** Opening Entries supplied block **

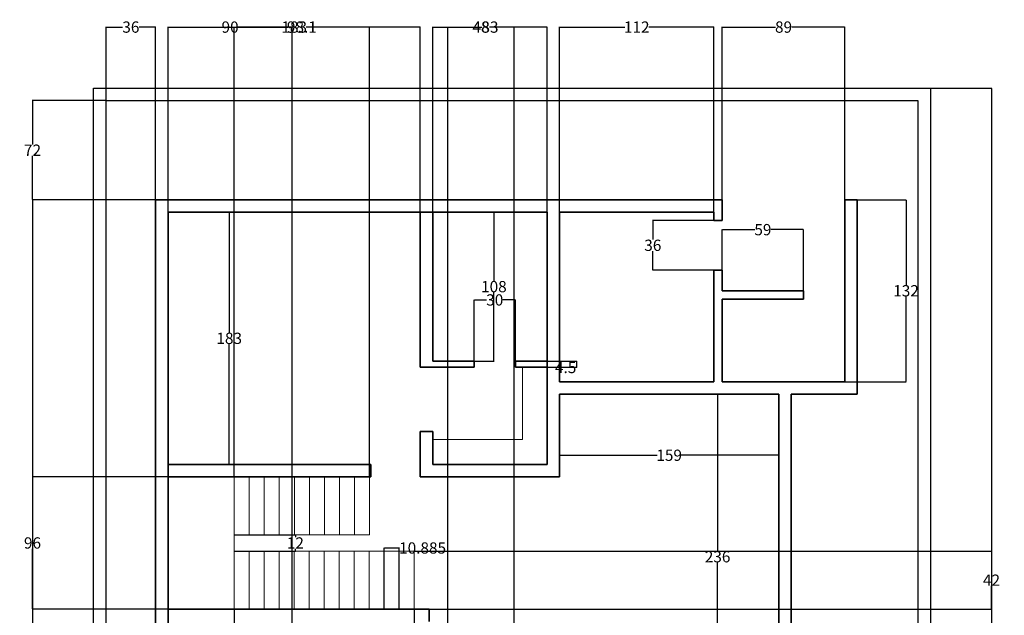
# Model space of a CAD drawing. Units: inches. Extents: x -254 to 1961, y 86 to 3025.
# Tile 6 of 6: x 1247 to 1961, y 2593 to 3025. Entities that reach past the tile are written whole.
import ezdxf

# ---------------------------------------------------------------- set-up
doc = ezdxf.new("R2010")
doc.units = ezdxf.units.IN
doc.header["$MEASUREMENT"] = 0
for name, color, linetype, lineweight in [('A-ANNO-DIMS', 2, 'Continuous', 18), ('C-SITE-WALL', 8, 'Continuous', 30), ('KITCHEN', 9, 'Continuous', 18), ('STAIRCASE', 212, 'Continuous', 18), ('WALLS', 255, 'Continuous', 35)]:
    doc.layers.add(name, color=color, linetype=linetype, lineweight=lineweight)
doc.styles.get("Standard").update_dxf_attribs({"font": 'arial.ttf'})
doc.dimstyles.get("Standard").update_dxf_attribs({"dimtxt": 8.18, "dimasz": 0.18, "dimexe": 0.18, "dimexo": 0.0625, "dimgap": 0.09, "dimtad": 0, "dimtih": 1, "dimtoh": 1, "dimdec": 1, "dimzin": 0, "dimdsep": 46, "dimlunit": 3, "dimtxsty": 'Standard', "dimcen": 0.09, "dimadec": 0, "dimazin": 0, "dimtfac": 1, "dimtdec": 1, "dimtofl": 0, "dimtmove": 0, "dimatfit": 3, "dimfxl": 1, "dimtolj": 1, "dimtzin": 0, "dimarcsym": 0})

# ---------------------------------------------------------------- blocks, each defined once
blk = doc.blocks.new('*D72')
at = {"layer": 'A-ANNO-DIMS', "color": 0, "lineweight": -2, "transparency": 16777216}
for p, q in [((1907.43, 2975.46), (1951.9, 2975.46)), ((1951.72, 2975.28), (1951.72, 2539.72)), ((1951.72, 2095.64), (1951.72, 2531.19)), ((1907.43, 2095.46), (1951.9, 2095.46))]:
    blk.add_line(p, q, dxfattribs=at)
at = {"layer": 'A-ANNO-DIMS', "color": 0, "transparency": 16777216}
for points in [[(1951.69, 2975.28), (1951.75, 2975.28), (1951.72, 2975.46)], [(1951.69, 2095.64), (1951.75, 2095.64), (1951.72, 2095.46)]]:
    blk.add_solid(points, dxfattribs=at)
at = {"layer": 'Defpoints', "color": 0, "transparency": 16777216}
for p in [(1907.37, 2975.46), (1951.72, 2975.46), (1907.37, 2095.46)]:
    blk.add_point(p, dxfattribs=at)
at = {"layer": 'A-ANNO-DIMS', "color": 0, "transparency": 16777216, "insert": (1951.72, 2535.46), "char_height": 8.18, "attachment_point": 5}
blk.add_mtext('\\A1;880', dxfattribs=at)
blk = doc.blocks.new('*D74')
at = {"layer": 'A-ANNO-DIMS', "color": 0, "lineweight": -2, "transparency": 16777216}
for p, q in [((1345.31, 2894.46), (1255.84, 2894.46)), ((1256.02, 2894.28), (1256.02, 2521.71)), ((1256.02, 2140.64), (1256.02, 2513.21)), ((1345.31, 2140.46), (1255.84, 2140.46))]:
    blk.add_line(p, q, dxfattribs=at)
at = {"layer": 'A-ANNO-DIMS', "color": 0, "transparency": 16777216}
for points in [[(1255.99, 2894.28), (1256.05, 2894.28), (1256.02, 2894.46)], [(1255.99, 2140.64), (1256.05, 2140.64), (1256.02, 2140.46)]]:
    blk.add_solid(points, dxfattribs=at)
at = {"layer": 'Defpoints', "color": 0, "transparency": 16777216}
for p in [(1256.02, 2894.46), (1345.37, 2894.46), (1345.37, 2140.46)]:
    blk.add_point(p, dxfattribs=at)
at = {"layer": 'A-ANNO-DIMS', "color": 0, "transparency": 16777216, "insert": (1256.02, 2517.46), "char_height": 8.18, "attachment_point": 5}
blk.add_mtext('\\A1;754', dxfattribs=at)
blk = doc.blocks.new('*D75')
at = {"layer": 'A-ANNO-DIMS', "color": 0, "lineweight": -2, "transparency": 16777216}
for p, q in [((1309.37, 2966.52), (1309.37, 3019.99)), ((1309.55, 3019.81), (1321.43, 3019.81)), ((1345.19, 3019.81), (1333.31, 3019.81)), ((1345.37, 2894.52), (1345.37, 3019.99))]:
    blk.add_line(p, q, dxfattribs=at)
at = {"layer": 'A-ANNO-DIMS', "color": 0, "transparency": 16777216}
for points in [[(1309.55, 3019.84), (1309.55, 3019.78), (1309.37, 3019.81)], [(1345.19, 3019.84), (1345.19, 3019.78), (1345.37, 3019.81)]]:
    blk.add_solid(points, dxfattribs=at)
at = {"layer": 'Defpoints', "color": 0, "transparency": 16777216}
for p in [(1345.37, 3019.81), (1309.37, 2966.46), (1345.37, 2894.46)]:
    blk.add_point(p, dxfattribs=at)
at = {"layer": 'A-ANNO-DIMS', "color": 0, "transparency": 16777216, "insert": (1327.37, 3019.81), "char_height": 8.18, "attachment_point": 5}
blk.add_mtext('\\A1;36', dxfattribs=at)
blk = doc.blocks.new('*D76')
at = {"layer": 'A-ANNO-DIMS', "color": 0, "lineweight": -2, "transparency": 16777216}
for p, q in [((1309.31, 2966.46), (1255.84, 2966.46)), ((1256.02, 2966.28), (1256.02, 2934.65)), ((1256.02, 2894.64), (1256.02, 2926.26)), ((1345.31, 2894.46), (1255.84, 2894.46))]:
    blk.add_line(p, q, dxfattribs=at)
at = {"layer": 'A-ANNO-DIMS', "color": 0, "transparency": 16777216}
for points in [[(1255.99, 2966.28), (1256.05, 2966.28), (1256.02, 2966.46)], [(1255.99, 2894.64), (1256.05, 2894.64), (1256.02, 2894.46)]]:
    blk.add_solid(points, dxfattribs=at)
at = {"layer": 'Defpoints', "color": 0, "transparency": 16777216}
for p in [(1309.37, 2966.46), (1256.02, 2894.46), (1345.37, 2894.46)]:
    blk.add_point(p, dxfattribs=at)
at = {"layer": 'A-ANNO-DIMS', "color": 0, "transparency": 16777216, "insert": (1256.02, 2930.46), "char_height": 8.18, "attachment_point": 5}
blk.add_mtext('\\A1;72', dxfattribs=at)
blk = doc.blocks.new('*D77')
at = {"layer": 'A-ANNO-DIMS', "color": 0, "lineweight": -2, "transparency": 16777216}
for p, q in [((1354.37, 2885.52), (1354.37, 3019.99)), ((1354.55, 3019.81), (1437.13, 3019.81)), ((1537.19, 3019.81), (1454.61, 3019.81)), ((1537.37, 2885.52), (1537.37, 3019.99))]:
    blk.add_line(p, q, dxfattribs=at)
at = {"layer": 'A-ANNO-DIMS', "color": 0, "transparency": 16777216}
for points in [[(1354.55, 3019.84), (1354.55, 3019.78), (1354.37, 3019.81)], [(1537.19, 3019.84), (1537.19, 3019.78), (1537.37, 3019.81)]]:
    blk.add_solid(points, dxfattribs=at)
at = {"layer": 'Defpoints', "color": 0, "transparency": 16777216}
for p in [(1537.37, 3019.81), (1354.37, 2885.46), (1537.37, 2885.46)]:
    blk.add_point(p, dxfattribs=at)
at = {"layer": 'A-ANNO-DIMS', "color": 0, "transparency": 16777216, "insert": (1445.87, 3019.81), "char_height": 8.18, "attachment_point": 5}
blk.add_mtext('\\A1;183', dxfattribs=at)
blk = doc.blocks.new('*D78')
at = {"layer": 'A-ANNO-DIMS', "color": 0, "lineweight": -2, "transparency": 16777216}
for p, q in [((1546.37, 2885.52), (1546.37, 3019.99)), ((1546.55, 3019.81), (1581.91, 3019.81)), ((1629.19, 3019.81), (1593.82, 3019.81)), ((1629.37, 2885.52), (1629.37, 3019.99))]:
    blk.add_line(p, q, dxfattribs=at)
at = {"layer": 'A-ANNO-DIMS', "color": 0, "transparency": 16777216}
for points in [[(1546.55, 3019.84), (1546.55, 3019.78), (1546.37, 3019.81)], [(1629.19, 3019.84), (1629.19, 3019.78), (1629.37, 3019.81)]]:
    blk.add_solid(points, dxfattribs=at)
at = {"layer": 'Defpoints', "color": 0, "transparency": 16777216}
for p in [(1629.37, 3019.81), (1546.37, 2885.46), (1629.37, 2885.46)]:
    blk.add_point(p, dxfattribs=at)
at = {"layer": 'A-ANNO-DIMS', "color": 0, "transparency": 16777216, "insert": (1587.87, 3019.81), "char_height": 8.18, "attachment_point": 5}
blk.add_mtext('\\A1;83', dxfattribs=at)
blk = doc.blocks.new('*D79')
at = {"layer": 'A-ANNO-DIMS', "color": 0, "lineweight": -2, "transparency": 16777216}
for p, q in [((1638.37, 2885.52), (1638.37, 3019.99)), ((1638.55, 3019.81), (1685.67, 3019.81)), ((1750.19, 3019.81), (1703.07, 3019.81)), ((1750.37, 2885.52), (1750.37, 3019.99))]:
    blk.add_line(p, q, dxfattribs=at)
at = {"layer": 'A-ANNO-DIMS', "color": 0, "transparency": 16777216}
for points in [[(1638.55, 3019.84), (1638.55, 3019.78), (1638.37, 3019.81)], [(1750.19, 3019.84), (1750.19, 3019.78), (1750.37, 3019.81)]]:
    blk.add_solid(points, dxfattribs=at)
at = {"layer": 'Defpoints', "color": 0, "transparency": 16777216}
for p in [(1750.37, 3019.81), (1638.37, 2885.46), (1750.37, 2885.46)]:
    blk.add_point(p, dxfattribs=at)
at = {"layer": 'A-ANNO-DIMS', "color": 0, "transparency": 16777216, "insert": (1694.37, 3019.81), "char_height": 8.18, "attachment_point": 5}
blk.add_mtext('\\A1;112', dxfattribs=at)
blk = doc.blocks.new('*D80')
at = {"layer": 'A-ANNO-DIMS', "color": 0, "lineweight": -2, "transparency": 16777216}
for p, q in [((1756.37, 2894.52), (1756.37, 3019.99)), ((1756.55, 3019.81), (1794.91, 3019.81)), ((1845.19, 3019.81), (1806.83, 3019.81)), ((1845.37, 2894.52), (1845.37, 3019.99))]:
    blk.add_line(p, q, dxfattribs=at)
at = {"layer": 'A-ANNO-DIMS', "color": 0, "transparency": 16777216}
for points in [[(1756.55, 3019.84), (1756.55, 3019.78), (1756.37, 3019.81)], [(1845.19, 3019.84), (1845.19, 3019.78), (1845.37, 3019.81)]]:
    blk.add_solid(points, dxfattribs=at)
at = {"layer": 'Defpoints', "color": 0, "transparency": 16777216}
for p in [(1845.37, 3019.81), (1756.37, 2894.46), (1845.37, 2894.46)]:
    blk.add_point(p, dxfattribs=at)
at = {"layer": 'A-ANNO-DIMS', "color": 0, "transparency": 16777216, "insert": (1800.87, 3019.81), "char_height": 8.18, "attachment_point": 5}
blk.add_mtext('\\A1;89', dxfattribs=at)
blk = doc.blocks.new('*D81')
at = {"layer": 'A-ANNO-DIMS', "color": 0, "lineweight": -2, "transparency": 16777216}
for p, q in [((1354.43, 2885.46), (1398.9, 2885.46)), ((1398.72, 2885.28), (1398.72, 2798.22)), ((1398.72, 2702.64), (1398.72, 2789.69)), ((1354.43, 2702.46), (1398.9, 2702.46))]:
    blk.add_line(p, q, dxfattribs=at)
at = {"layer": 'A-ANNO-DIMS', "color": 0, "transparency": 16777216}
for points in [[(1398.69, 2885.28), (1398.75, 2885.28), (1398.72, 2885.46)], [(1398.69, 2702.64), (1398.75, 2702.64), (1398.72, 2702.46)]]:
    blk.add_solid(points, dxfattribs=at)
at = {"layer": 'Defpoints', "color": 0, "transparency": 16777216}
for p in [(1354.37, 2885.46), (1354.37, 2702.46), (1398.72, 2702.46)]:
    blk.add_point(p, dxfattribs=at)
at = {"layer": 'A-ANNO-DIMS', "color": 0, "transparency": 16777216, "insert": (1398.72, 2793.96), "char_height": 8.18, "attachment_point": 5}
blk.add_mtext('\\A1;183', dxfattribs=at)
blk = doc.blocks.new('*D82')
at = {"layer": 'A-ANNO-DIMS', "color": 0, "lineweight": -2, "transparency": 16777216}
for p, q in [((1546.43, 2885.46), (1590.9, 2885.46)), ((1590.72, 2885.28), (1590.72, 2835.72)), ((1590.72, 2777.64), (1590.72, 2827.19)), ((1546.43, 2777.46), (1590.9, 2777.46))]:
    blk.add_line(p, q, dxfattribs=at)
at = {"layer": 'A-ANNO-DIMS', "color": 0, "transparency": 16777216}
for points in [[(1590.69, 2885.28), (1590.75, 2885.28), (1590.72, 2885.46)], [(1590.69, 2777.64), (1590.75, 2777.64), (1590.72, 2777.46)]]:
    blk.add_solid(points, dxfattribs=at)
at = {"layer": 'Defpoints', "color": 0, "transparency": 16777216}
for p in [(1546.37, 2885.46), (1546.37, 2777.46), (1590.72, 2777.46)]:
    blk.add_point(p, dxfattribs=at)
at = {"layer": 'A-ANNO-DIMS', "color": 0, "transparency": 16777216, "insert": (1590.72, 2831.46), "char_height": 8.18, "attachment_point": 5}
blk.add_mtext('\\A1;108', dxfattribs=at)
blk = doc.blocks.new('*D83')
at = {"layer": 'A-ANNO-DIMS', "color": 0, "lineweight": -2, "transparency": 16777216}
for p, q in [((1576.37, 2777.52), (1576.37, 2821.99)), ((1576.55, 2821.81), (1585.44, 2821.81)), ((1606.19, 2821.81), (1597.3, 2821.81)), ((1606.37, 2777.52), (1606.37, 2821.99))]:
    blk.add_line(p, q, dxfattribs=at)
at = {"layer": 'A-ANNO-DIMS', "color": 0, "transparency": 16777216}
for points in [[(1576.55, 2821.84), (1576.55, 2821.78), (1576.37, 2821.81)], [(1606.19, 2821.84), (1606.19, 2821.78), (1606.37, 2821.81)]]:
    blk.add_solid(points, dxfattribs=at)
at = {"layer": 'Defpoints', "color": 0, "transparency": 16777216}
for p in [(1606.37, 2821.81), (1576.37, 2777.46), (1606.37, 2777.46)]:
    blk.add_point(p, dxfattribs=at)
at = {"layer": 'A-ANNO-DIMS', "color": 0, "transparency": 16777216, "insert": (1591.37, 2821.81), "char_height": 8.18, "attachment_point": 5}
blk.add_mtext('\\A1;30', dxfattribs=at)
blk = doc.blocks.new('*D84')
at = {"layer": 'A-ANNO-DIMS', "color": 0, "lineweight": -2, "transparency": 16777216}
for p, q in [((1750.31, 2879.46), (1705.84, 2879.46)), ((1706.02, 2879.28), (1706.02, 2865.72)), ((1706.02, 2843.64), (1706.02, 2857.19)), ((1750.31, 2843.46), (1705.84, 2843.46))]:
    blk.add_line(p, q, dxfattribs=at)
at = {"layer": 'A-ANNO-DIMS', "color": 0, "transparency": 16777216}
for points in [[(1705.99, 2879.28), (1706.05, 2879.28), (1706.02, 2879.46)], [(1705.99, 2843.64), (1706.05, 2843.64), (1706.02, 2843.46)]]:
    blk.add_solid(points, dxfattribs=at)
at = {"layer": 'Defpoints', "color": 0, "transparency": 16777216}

** Closing Entries supplied block **

(What is expected): Search the data for "linetype". Copy every matching line.

(Expected answer):
for name, color, linetype, lineweight in [('A-ANNO-DIMS', 2, 'Continuous', 18), ('C-SITE-WALL', 8, 'Continuous', 30), ('KITCHEN', 9, 'Continuous', 18), ('STAIRCASE', 212, 'Continuous', 18), ('WALLS', 255, 'Continuous', 35)]:
    doc.layers.add(name, color=color, linetype=linetype, lineweight=lineweight)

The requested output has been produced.